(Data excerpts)
==========

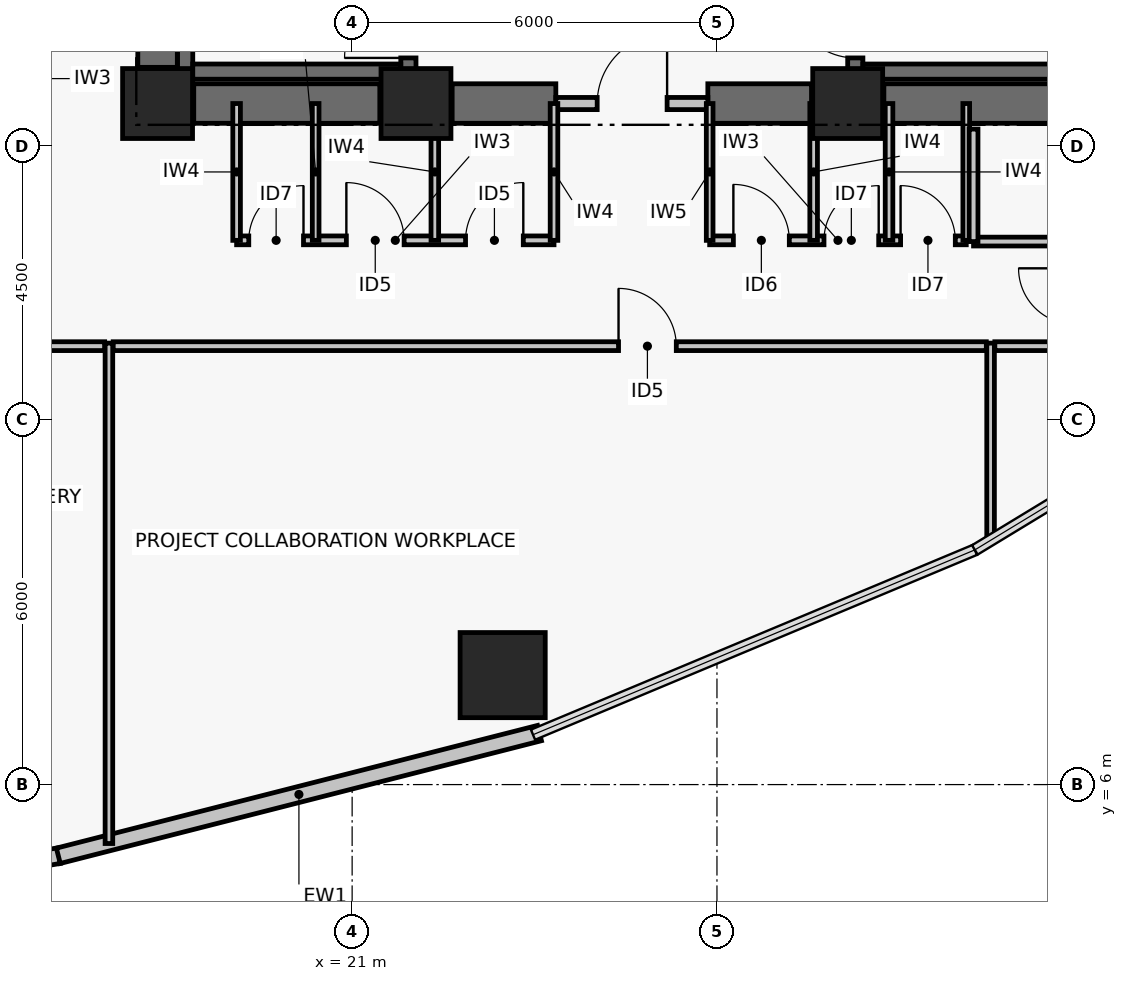
"""IFC4 building model, lengths in metres.
Left out: names, types, materials, properties, quantities, classifications, styles, units other than length and angle.
Written with IfcOpenShell. Run it as: python <this file> out.ifc"""

import sys

from ifc_helpers import new_model, si_unit, direction, frame, frame_2d, origin, origin_2d, place, context, subcontext, project, spatial, rectangle, hollow_rectangle, extrude, element, fill, save


model = new_model("IFC4")
c1 = context("Model", 3, precision=1e-05, world=origin(), true_north=direction((0.0, 1.0)))
c2 = subcontext(c1, "Body", "Model", "MODEL_VIEW")
j1 = project(units=[si_unit("LENGTHUNIT", "METRE"), si_unit("PLANEANGLEUNIT", "RADIAN")], contexts=[c1])
p1 = place(None, origin())
s1 = spatial("IfcSite", under=j1, at=p1, CompositionType="ELEMENT")
p2 = place(p1, origin())
s2 = spatial("IfcBuilding", under=s1, at=p2, CompositionType="ELEMENT")
p3 = place(p2, frame((0.0, 0.0, 7.2)))
s3 = spatial("IfcBuildingStorey", under=s2, at=p3, CompositionType="ELEMENT", Elevation=7.2)
for number, where, z_axis, x_axis in (
    (1, (17.8, 17.2, 0.0), (0.0, 0.0, 1.0), (1.0, 0.0, 0.0)),
    (2, (22.05, 17.2, 0.0), (0.0, 0.0, 1.0), (1.0, 0.0, 0.0)),
    (3, (29.15, 17.2, 0.0), (0.0, 0.0, 1.0), (1.0, 0.0, 0.0)),
):
    element("IfcColumn", number, at=place(p3, frame(where, z_axis=z_axis, x_axis=x_axis)), inside=s3, PredefinedType="COLUMN", context=c2, shape_type="SweptSolid", body=[
        extrude(rectangle(XDim=1.15, YDim=1.15, at=origin_2d()), origin(), (0.0, 0.0, 1.0), 4.8),
    ])
p4 = place(p3, frame((18.395, 17.2, 0.0), z_axis=(0.0, 0.0, 1.0), x_axis=(1.0, 0.0, 0.0)))
e4 = element("IfcWall", 4, at=p4, inside=s3, PredefinedType="SHEAR", context=c2, shape_type="SweptSolid", body=[
    extrude(rectangle(XDim=3.06, YDim=0.65, at=frame_2d((1.53, 0.0))), origin(), (0.0, 0.0, 1.0), 4.48),
])
p5 = place(p3, frame((22.645, 17.2, 0.0), z_axis=(0.0, 0.0, 1.0), x_axis=(1.0, 0.0, 0.0)))
e5 = element("IfcWall", 5, at=p5, inside=s3, PredefinedType="SHEAR", context=c2, shape_type="SweptSolid", body=[
    extrude(rectangle(XDim=1.705, YDim=0.65, at=frame_2d((0.853, 0.0))), origin(), (0.0, 0.0, 1.0), 4.48),
])
p6 = place(p3, frame((26.85, 17.2, 0.0), z_axis=(0.0, 0.0, 1.0), x_axis=(1.0, 0.0, 0.0)))
e6 = element("IfcWall", 6, at=p6, inside=s3, PredefinedType="SHEAR", context=c2, shape_type="SweptSolid", body=[
    extrude(rectangle(XDim=1.705, YDim=0.65, at=frame_2d((0.853, 0.0))), origin(), (0.0, 0.0, 1.0), 4.48),
])
p7 = place(p3, frame((29.745, 17.2, 0.0), z_axis=(0.0, 0.0, 1.0), x_axis=(1.0, 0.0, 0.0)))
e7 = element("IfcWall", 7, at=p7, inside=s3, PredefinedType="SHEAR", context=c2, shape_type="SweptSolid", body=[
    extrude(rectangle(XDim=3.06, YDim=0.65, at=frame_2d((1.53, 0.0))), origin(), (0.0, 0.0, 1.0), 4.48),
])
p8 = place(p3, frame((17.8, 17.795, 0.0), z_axis=(0.0, 0.0, 1.0), x_axis=(0.0, 1.0, 0.0)))
e8 = element("IfcWall", 8, at=p8, inside=s3, PredefinedType="SHEAR", context=c2, shape_type="SweptSolid", body=[
    extrude(rectangle(XDim=8.41, YDim=0.65, at=frame_2d((4.205, 0.0))), origin(), (0.0, 0.0, 1.0), 4.48),
])
p9 = place(p3, frame((18.254, 17.6, 0.0), z_axis=(0.0, 0.0, 1.0), x_axis=(0.0, 1.0, 0.0)))
e9 = element("IfcWall", 9, at=p9, inside=s3, PredefinedType="SHEAR", context=c2, shape_type="SweptSolid", body=[
    extrude(rectangle(XDim=8.8, YDim=0.25, at=frame_2d((4.4, 0.0))), origin(), (0.0, 0.0, 1.0), 4.48),
])
p10 = place(p3, frame((21.925, 17.6, 0.0), z_axis=(0.0, 0.0, 1.0), x_axis=(0.0, 1.0, 0.0)))
e10 = element("IfcWall", 10, at=p10, inside=s3, PredefinedType="SHEAR", context=c2, shape_type="SweptSolid", body=[
    extrude(rectangle(XDim=8.8, YDim=0.25, at=frame_2d((4.4, 0.0))), origin(), (0.0, 0.0, 1.0), 4.48),
])
p11 = place(p10, frame((0.35, 0.0, 0.0)))
e11 = element("IfcOpeningElement", 11, at=p11, cuts=e10, PredefinedType="OPENING", context=c2, shape_type="SweptSolid", body=[
    extrude(rectangle(XDim=1.05, YDim=2.08, at=frame_2d((0.525, 1.04))), frame((0.0, 0.135, 0.0), z_axis=(0.0, -1.0, 0.0), x_axis=(1.0, 0.0, 0.0)), (0.0, 0.0, 1.0), 0.27),
])
p12 = place(p3, frame((18.379, 17.725, 0.0), z_axis=(0.0, 0.0, 1.0), x_axis=(1.0, 0.0, 0.0)))
e12 = element("IfcWall", 12, at=p12, inside=s3, PredefinedType="SHEAR", context=c2, shape_type="SweptSolid", body=[
    extrude(rectangle(XDim=3.421, YDim=0.25, at=frame_2d((1.71, 0.0))), origin(), (0.0, 0.0, 1.0), 4.48),
])
p13 = place(p3, frame((29.275, 17.6, 0.0), z_axis=(0.0, 0.0, 1.0), x_axis=(0.0, 1.0, 0.0)))
e13 = element("IfcWall", 13, at=p13, inside=s3, PredefinedType="SHEAR", context=c2, shape_type="SweptSolid", body=[
    extrude(rectangle(XDim=8.8, YDim=0.25, at=frame_2d((4.4, 0.0))), origin(), (0.0, 0.0, 1.0), 4.48),
])
p14 = place(p13, frame((0.35, 0.0, 0.0)))
e14 = element("IfcOpeningElement", 14, at=p14, cuts=e13, PredefinedType="OPENING", context=c2, shape_type="SweptSolid", body=[
    extrude(rectangle(XDim=1.05, YDim=2.08, at=frame_2d((0.525, 1.04))), frame((0.0, 0.135, 0.0), z_axis=(0.0, -1.0, 0.0), x_axis=(1.0, 0.0, 0.0)), (0.0, 0.0, 1.0), 0.27),
])
p15 = place(p3, frame((29.4, 17.725, 0.0), z_axis=(0.0, 0.0, 1.0), x_axis=(1.0, 0.0, 0.0)))
e15 = element("IfcWall", 15, at=p15, inside=s3, PredefinedType="SHEAR", context=c2, shape_type="SweptSolid", body=[
    extrude(rectangle(XDim=3.421, YDim=0.25, at=frame_2d((1.71, 0.0))), origin(), (0.0, 0.0, 1.0), 4.48),
])
p16 = place(p3, frame((23.476, 7.8, 0.0), z_axis=(0.0, 0.0, 1.0), x_axis=(1.0, 0.0, 0.0)))
e16 = element("IfcColumn", 16, at=p16, inside=s3, PredefinedType="COLUMN", context=c2, shape_type="SweptSolid", body=[
    extrude(hollow_rectangle(XDim=1.4, YDim=1.4, WallThickness=0.055, at=origin_2d()), origin(), (0.0, 0.0, 1.0), 4.8),
])
p17 = place(p3, frame((16.179, 4.831, 0.0), z_axis=(0.0, 0.0, 1.0), x_axis=(-0.985905166387, -0.167305119144, 0.0)))
e17 = element("IfcWall", 17, at=p17, inside=s3, PredefinedType="PARTITIONING", context=c2, shape_type="SweptSolid", body=[
    extrude(rectangle(XDim=3.064, YDim=0.26, at=frame_2d((1.532, 0.0))), origin(), (0.0, 0.0, 1.0), 4.48),
])
p18 = place(p3, frame((24.081, 6.847, 0.0), z_axis=(0.0, 0.0, 1.0), x_axis=(-0.968981557045, -0.247133045354, 0.0)))
e18 = element("IfcWall", 18, at=p18, inside=s3, PredefinedType="PARTITIONING", context=c2, shape_type="SweptSolid", body=[
    extrude(rectangle(XDim=8.167, YDim=0.26, at=frame_2d((4.083, 0.0))), origin(), (0.0, 0.0, 1.0), 4.48),
])
p19 = place(p3, frame((24.35, 17.2, 0.0), z_axis=(0.0, 0.0, 1.0), x_axis=(1.0, 0.0, 0.0)))
e19 = element("IfcWall", 19, at=p19, inside=s3, PredefinedType="PARTITIONING", context=c2, shape_type="SweptSolid", body=[
    extrude(rectangle(XDim=2.5, YDim=0.2, at=frame_2d((1.25, 0.0))), origin(), (0.0, 0.0, 1.0), 3.61),
])
p20 = place(p19, frame((0.68, 0.0, 0.0)))
e20 = element("IfcOpeningElement", 20, at=p20, cuts=e19, PredefinedType="OPENING", context=c2, shape_type="SweptSolid", body=[
    extrude(rectangle(XDim=1.15, YDim=2.08, at=frame_2d((0.575, 1.04))), frame((0.0, 0.11, 0.0), z_axis=(0.0, -1.0, 0.0), x_axis=(1.0, 0.0, 0.0)), (0.0, 0.0, 1.0), 0.22),
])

==========

To do: If a line in the entries above has the word "CompositionType", copy it.

Answer to this problem:
s1 = spatial("IfcSite", under=j1, at=p1, CompositionType="ELEMENT")
s2 = spatial("IfcBuilding", under=s1, at=p2, CompositionType="ELEMENT")
s3 = spatial("IfcBuildingStorey", under=s2, at=p3, CompositionType="ELEMENT", Elevation=7.2)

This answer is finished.